What is needed is an exact repetition of the lines from the first one in the data through the line with "world=origin(), true_north=direction((0.0, 1.0)))", with no pictures.

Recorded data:

-----

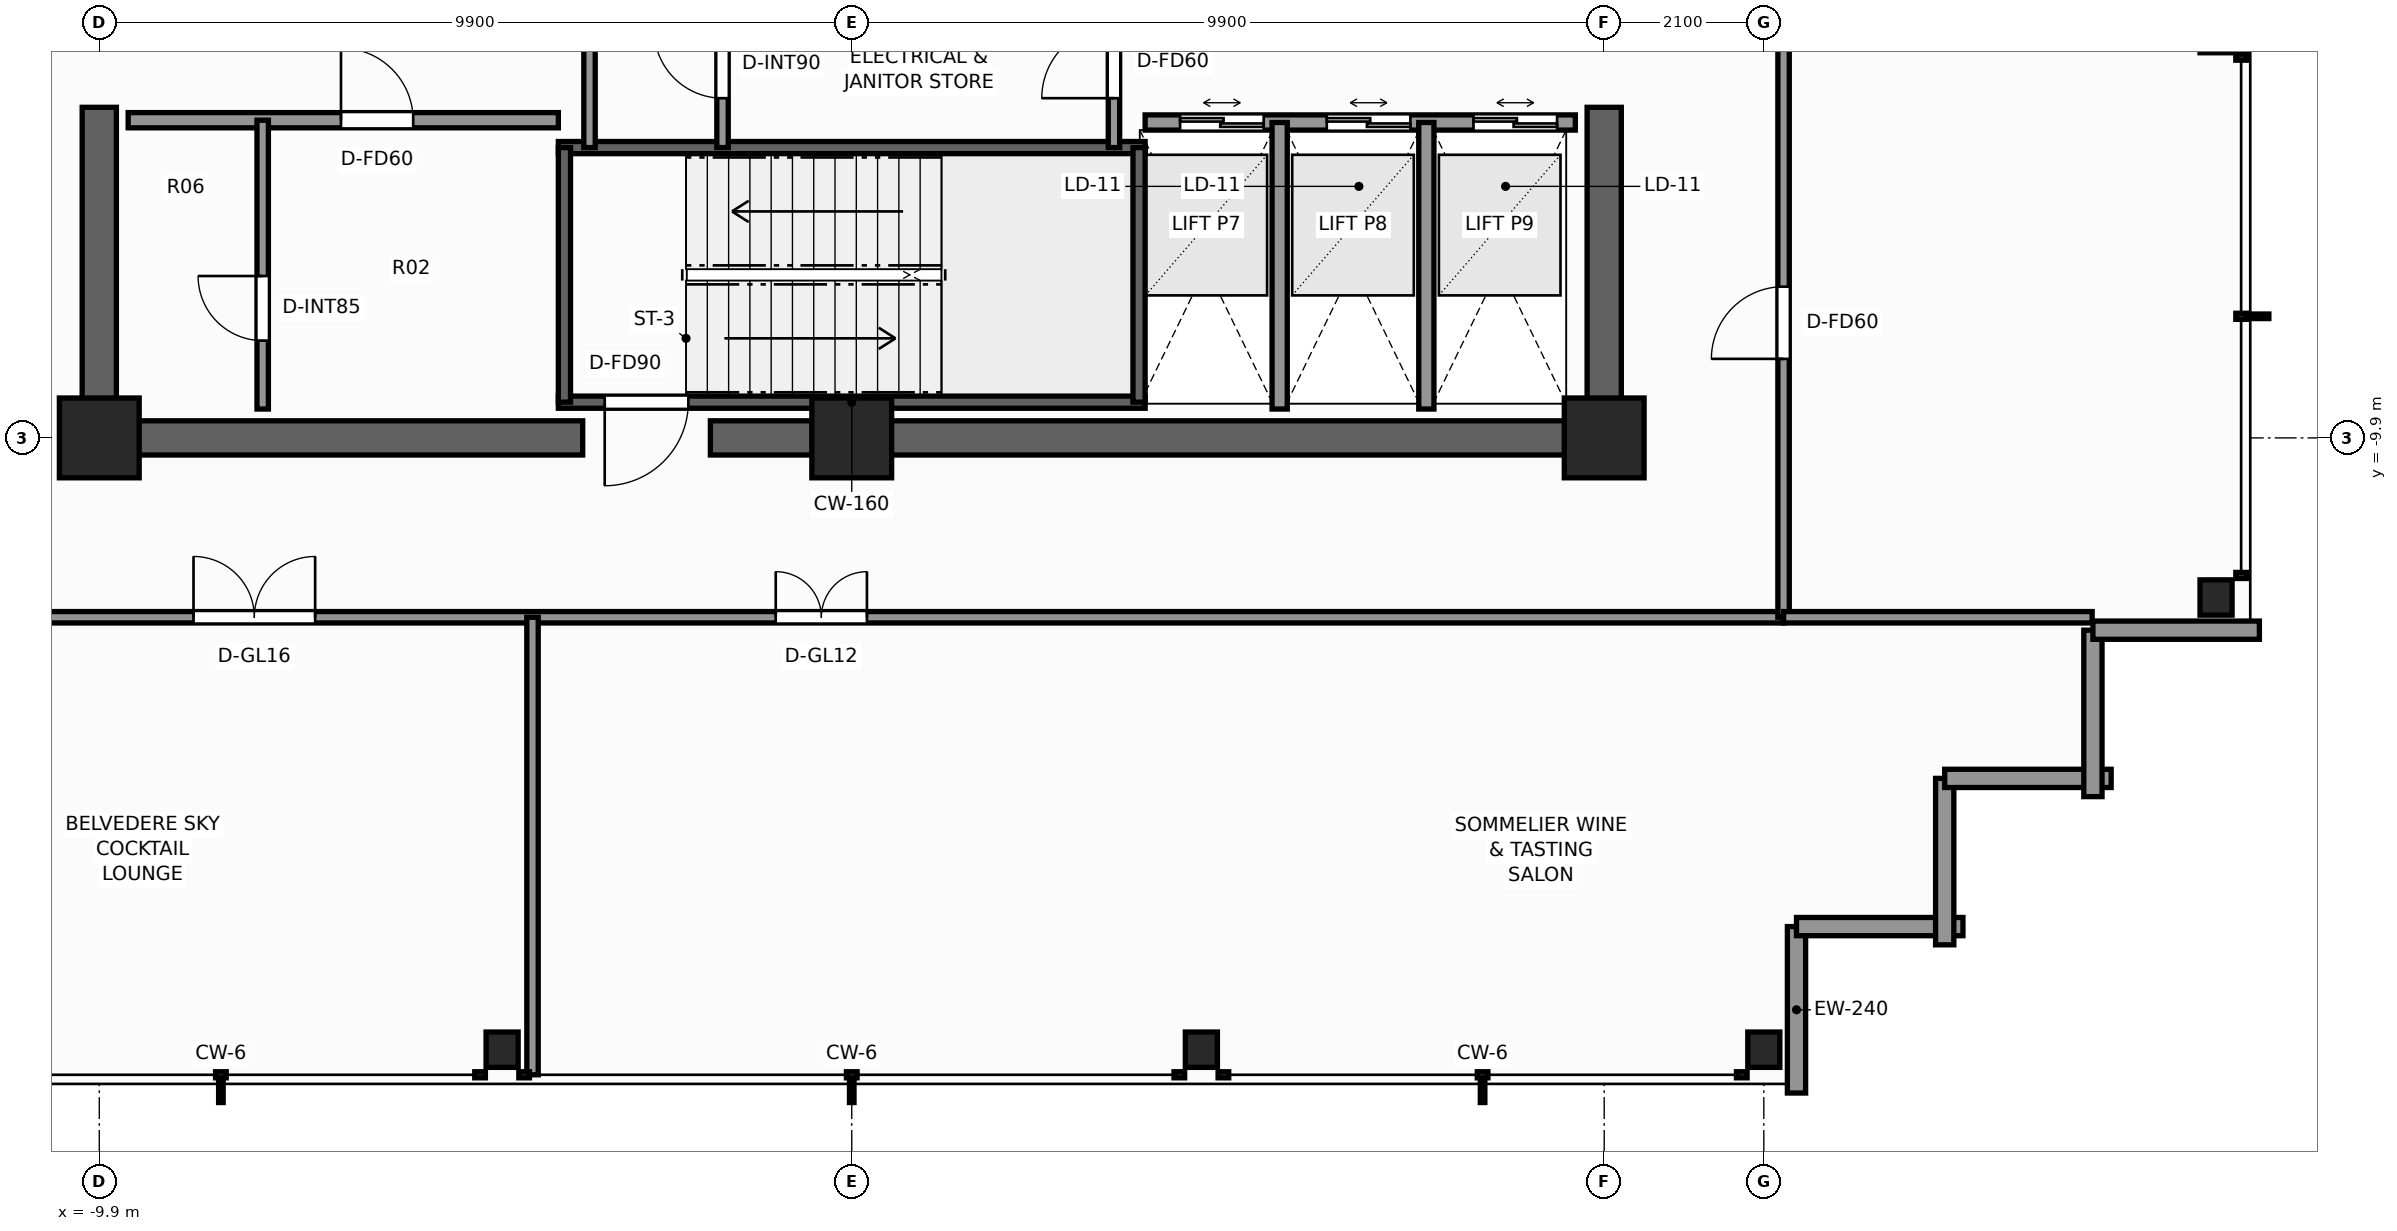
"""IFC4 building model, lengths in metres.
Left out: names, types, materials, properties, quantities, classifications, styles, units other than length and angle.
Written with IfcOpenShell. Run it as: python <this file> out.ifc"""

import sys

from ifc_helpers import new_model, si_unit, direction, frame, frame_2d, origin, origin_2d, place, context, subcontext, project, spatial, rectangle, i_section, extrude, element, fill, save


model = new_model("IFC4")
c1 = context("Model", 3, precision=1e-05, world=origin(), true_north=direction((0.0, 1.0)))
c2 = subcontext(c1, "Body", "Model", "MODEL_VIEW")
j1 = project(units=[si_unit("LENGTHUNIT", "METRE"), si_unit("PLANEANGLEUNIT", "RADIAN")], contexts=[c1])
p1 = place(None, origin())
s1 = spatial("IfcSite", under=j1, at=p1, CompositionType="ELEMENT")
p2 = place(p1, origin())
s2 = spatial("IfcBuilding", under=s1, at=p2, CompositionType="ELEMENT")
p3 = place(p2, frame((0.0, 0.0, 258.4)))
s3 = spatial("IfcBuildingStorey", under=s2, at=p3, CompositionType="ELEMENT", Elevation=258.4)
p4 = place(p3, frame((10.125, -9.9, 0.0), z_axis=(0.0, 0.0, 1.0), x_axis=(-1.0, 0.0, 0.0)))
e1 = element("IfcWall", 1, at=p4, inside=s3, PredefinedType="SHEAR", context=c2, shape_type="SweptSolid", body=[
    extrude(rectangle(XDim=11.985, YDim=0.45, at=frame_2d((5.993, 0.0))), origin(), (0.0, 0.0, 1.0), 4.4),
])
p5 = place(p3, frame((-3.54, -9.9, 0.0), z_axis=(0.0, 0.0, 1.0), x_axis=(-1.0, 0.0, 0.0)))
e2 = element("IfcWall", 2, at=p5, inside=s3, PredefinedType="SHEAR", context=c2, shape_type="SweptSolid", body=[
    extrude(rectangle(XDim=6.585, YDim=0.45, at=frame_2d((3.292, 0.0))), origin(), (0.0, 0.0, 1.0), 4.4),
])
for number, where, z_axis, x_axis in (
    (3, (-9.9, -9.675, 0.0), (0.0, 0.0, 1.0), (0.0, 1.0, 0.0)),
    (4, (9.9, -9.675, 0.0), (0.0, 0.0, 1.0), (0.0, 1.0, 0.0)),
):
    element("IfcWall", number, at=place(p3, frame(where, z_axis=z_axis, x_axis=x_axis)), inside=s3, PredefinedType="SHEAR", context=c2, shape_type="SweptSolid", body=[
        extrude(rectangle(XDim=4.125, YDim=0.45, at=frame_2d((2.062, 0.0))), origin(), (0.0, 0.0, 1.0), 4.4),
    ])
for number, where, z_axis, x_axis in (
    (5, (-9.9, -9.9, 0.0), (0.0, 0.0, 1.0), (1.0, 0.0, 0.0)),
    (6, (9.9, -9.9, 0.0), (0.0, 0.0, 1.0), (1.0, 0.0, 0.0)),
    (7, (0.0, -9.9, 0.0), (0.0, 0.0, 1.0), (1.0, 0.0, 0.0)),
):
    element("IfcColumn", number, at=place(p3, frame(where, z_axis=z_axis, x_axis=x_axis)), inside=s3, PredefinedType="COLUMN", context=c2, shape_type="SweptSolid", body=[
        extrude(rectangle(XDim=1.05, YDim=1.05, at=origin_2d()), origin(), (0.0, 0.0, 1.0), 4.4),
    ])
for number, where, z_axis, x_axis in (
    (8, (-4.6, -17.95, 0.0), (0.0, 0.0, 1.0), (1.0, 0.0, 0.0)),
    (9, (4.6, -17.95, 0.0), (0.0, 0.0, 1.0), (1.0, 0.0, 0.0)),
    (10, (12.0, -17.95, 0.0), (0.0, 0.0, 1.0), (1.0, 0.0, 0.0)),
    (11, (17.95, -12.0, 0.0), (0.0, 0.0, 1.0), (1.0, 0.0, 0.0)),
    (12, (17.95, -4.6, 0.0), (0.0, 0.0, 1.0), (1.0, 0.0, 0.0)),
):
    element("IfcColumn", number, at=place(p3, frame(where, z_axis=z_axis, x_axis=x_axis)), inside=s3, PredefinedType="COLUMN", context=c2, shape_type="SweptSolid", body=[
        extrude(i_section(OverallWidth=0.422, OverallDepth=0.465, WebThickness=0.045, FlangeThickness=0.073, FilletRadius=0.025, at=origin_2d()), origin(), (0.0, 0.0, 1.0), 4.4),
    ])
p6 = place(p3, frame((12.43, -16.33, 0.0), z_axis=(0.0, 0.0, 1.0), x_axis=(0.0, -1.0, 0.0)))
e13 = element("IfcWall", 13, at=p6, inside=s3, PredefinedType="STANDARD", context=c2, shape_type="SweptSolid", body=[
    extrude(rectangle(XDim=2.19, YDim=0.24, at=frame_2d((1.095, 0.0))), origin(), (0.0, 0.0, 1.0), 3.503),
])
for number, where, z_axis, x_axis in (
    (14, (14.62, -16.33, 0.0), (0.0, 0.0, 1.0), (-1.0, 0.0, 0.0)),
    (15, (14.38, -14.38, 0.0), (0.0, 0.0, 1.0), (0.0, -1.0, 0.0)),
    (16, (16.57, -14.38, 0.0), (0.0, 0.0, 1.0), (-1.0, 0.0, 0.0)),
    (17, (16.33, -12.43, 0.0), (0.0, 0.0, 1.0), (0.0, -1.0, 0.0)),
):
    element("IfcWall", number, at=place(p3, frame(where, z_axis=z_axis, x_axis=x_axis)), inside=s3, PredefinedType="STANDARD", context=c2, shape_type="SweptSolid", body=[
        extrude(rectangle(XDim=2.19, YDim=0.24, at=frame_2d((1.095, 0.0))), origin(), (0.0, 0.0, 1.0), 3.503),
    ])
p7 = place(p3, frame((18.52, -12.43, 0.0), z_axis=(0.0, 0.0, 1.0), x_axis=(-1.0, 0.0, 0.0)))
e18 = element("IfcWall", 18, at=p7, inside=s3, PredefinedType="STANDARD", context=c2, shape_type="SweptSolid", body=[
    extrude(rectangle(XDim=2.19, YDim=0.24, at=frame_2d((1.095, 0.0))), origin(), (0.0, 0.0, 1.0), 3.503),
])
p8 = place(p3, frame((3.86, -9.43, 0.0), z_axis=(0.0, 0.0, 1.0), x_axis=(-1.0, 0.0, 0.0)))
e19 = element("IfcWall", 19, at=p8, inside=s3, PredefinedType="SHEAR", context=c2, shape_type="SweptSolid", body=[
    extrude(rectangle(XDim=7.72, YDim=0.16, at=frame_2d((3.86, 0.0))), origin(), (0.0, 0.0, 1.0), 4.4),
])
p9 = place(p8, frame((6.01, 0.0, 0.0)))
e20 = element("IfcOpeningElement", 20, at=p9, cuts=e19, PredefinedType="OPENING", context=c2, shape_type="SweptSolid", body=[
    extrude(rectangle(XDim=1.1, YDim=2.2, at=frame_2d((0.55, 1.1))), frame((0.0, 0.09, 0.0), z_axis=(0.0, -1.0, 0.0), x_axis=(1.0, 0.0, 0.0)), (0.0, 0.0, 1.0), 0.18),
])
p10 = place(p3, frame((-3.86, -6.08, 0.0), z_axis=(0.0, 0.0, 1.0), x_axis=(1.0, 0.0, 0.0)))
e21 = element("IfcWall", 21, at=p10, inside=s3, PredefinedType="SHEAR", context=c2, shape_type="SweptSolid", body=[
    extrude(rectangle(XDim=7.72, YDim=0.16, at=frame_2d((3.86, 0.0))), origin(), (0.0, 0.0, 1.0), 4.4),
])
for number, where, z_axis, x_axis in (
    (22, (-3.78, -9.43, 0.0), (0.0, 0.0, 1.0), (0.0, 1.0, 0.0)),
    (23, (3.78, -9.43, 0.0), (0.0, 0.0, 1.0), (0.0, 1.0, 0.0)),
):
    element("IfcWall", number, at=place(p3, frame(where, z_axis=z_axis, x_axis=x_axis)), inside=s3, PredefinedType="SHEAR", context=c2, shape_type="SweptSolid", body=[
        extrude(rectangle(XDim=3.35, YDim=0.16, at=frame_2d((1.675, 0.0))), origin(), (0.0, 0.0, 1.0), 4.4),
    ])
p11 = place(p3, frame((-9.52, -5.72, 0.0), z_axis=(0.0, 0.0, 1.0), x_axis=(1.0, 0.0, 0.0)))
e24 = element("IfcWall", 24, at=p11, inside=s3, PredefinedType="SOLIDWALL", context=c2, shape_type="SweptSolid", body=[
    extrude(rectangle(XDim=5.66, YDim=0.2, at=frame_2d((2.83, 0.0))), origin(), (0.0, 0.0, 1.0), 4.12),
])
p12 = place(p11, frame((2.8, 0.0, 0.0)))
e25 = element("IfcOpeningElement", 25, at=p12, cuts=e24, PredefinedType="OPENING", context=c2, shape_type="SweptSolid", body=[
    extrude(rectangle(XDim=0.95, YDim=2.06, at=frame_2d((0.475, 1.03))), frame((0.0, 0.11, 0.0), z_axis=(0.0, -1.0, 0.0), x_axis=(1.0, 0.0, 0.0)), (0.0, 0.0, 1.0), 0.22),
])
p13 = place(p3, frame((-7.75, -9.52, 0.0), z_axis=(0.0, 0.0, 1.0), x_axis=(0.0, 1.0, 0.0)))
e26 = element("IfcWall", 26, at=p13, inside=s3, PredefinedType="PARTITIONING", context=c2, shape_type="SweptSolid", body=[
    extrude(rectangle(XDim=3.8, YDim=0.15, at=frame_2d((1.9, 0.0))), origin(), (0.0, 0.0, 1.0), 4.12),
])
p14 = place(p13, frame((0.9, 0.0, 0.0)))
e27 = element("IfcOpeningElement", 27, at=p14, cuts=e26, PredefinedType="OPENING", context=c2, shape_type="SweptSolid", body=[
    extrude(rectangle(XDim=0.85, YDim=2.03, at=frame_2d((0.425, 1.015))), frame((0.0, 0.085, 0.0), z_axis=(0.0, -1.0, 0.0), x_axis=(1.0, 0.0, 0.0)), (0.0, 0.0, 1.0), 0.17),
])
p15 = place(p3, frame((3.86, -5.75, 0.0), z_axis=(0.0, 0.0, 1.0), x_axis=(1.0, 0.0, 0.0)))
e28 = element("IfcWall", 28, at=p15, inside=s3, PredefinedType="SOLIDWALL", context=c2, shape_type="SweptSolid", body=[
    extrude(rectangle(XDim=5.66, YDim=0.2, at=frame_2d((2.83, 0.0))), origin(), (0.0, 0.0, 1.0), 4.12),
])
p16 = place(p15, frame((0.46, 0.0, 0.0)))
e29 = element("IfcOpeningElement", 29, at=p16, cuts=e28, PredefinedType="OPENING", context=c2, shape_type="SweptSolid", body=[
    extrude(rectangle(XDim=1.1, YDim=2.2, at=frame_2d((0.55, 1.1))), frame((0.0, 0.11, 0.0), z_axis=(0.0, -1.0, 0.0), x_axis=(1.0, 0.0, 0.0)), (0.0, 0.0, 1.0), 0.22),
])
p17 = place(p15, frame((2.39, 0.0, 0.0)))
e30 = element("IfcOpeningElement", 30, at=p17, cuts=e28, PredefinedType="OPENING", context=c2, shape_type="SweptSolid", body=[
    extrude(rectangle(XDim=1.1, YDim=2.2, at=frame_2d((0.55, 1.1))), frame((0.0, 0.11, 0.0), z_axis=(0.0, -1.0, 0.0), x_axis=(1.0, 0.0, 0.0)), (0.0, 0.0, 1.0), 0.22),
])
p18 = place(p15, frame((4.32, 0.0, 0.0)))
e31 = element("IfcOpeningElement", 31, at=p18, cuts=e28, PredefinedType="OPENING", context=c2, shape_type="SweptSolid", body=[
    extrude(rectangle(XDim=1.1, YDim=2.2, at=frame_2d((0.55, 1.1))), frame((0.0, 0.11, 0.0), z_axis=(0.0, -1.0, 0.0), x_axis=(1.0, 0.0, 0.0)), (0.0, 0.0, 1.0), 0.22),
])
for number, where, z_axis, x_axis in (
    (32, (5.63, -9.52, 0.0), (0.0, 0.0, 1.0), (0.0, 1.0, 0.0)),
    (33, (7.56, -9.52, 0.0), (0.0, 0.0, 1.0), (0.0, 1.0, 0.0)),
):
    element("IfcWall", number, at=place(p3, frame(where, z_axis=z_axis, x_axis=x_axis)), inside=s3, PredefinedType="SOLIDWALL", context=c2, shape_type="SweptSolid", body=[
        extrude(rectangle(XDim=3.77, YDim=0.2, at=frame_2d((1.885, 0.0))), origin(), (0.0, 0.0, 1.0), 4.12),
    ])
p19 = place(p3, frame((3.45, -6.08, 0.0), z_axis=(0.0, 0.0, 1.0), x_axis=(0.0, 1.0, 0.0)))
e34 = element("IfcWall", 34, at=p19, inside=s3, PredefinedType="PARTITIONING", context=c2, shape_type="SweptSolid", body=[
    extrude(rectangle(XDim=2.36, YDim=0.15, at=frame_2d((1.18, 0.0))), origin(), (0.0, 0.0, 1.0), 4.12),
])
p20 = place(p19, frame((0.65, 0.0, 0.0)))
e35 = element("IfcOpeningElement", 35, at=p20, cuts=e34, PredefinedType="OPENING", context=c2, shape_type="SweptSolid", body=[
    extrude(rectangle(XDim=0.95, YDim=2.06, at=frame_2d((0.475, 1.03))), frame((0.0, 0.085, 0.0), z_axis=(0.0, -1.0, 0.0), x_axis=(1.0, 0.0, 0.0)), (0.0, 0.0, 1.0), 0.17),
])
p21 = place(p3, frame((-3.45, -6.08, 0.0), z_axis=(0.0, 0.0, 1.0), x_axis=(0.0, 1.0, 0.0)))
e36 = element("IfcWall", 36, at=p21, inside=s3, PredefinedType="PARTITIONING", context=c2, shape_type="SweptSolid", body=[
    extrude(rectangle(XDim=2.36, YDim=0.15, at=frame_2d((1.18, 0.0))), origin(), (0.0, 0.0, 1.0), 4.12),
])
p22 = place(p3, frame((-1.7, -6.08, 0.0), z_axis=(0.0, 0.0, 1.0), x_axis=(0.0, 1.0, 0.0)))
e37 = element("IfcWall", 37, at=p22, inside=s3, PredefinedType="PARTITIONING", context=c2, shape_type="SweptSolid", body=[
    extrude(rectangle(XDim=2.36, YDim=0.15, at=frame_2d((1.18, 0.0))), origin(), (0.0, 0.0, 1.0), 4.12),
])
p23 = place(p22, frame((0.65, 0.0, 0.0)))
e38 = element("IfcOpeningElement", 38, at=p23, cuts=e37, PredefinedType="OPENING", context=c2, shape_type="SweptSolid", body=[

-----

Written answer.
"""IFC4 building model, lengths in metres.
Left out: names, types, materials, properties, quantities, classifications, styles, units other than length and angle.
Written with IfcOpenShell. Run it as: python <this file> out.ifc"""

import sys

from ifc_helpers import new_model, si_unit, direction, frame, frame_2d, origin, origin_2d, place, context, subcontext, project, spatial, rectangle, i_section, extrude, element, fill, save


model = new_model("IFC4")
c1 = context("Model", 3, precision=1e-05, world=origin(), true_north=direction((0.0, 1.0)))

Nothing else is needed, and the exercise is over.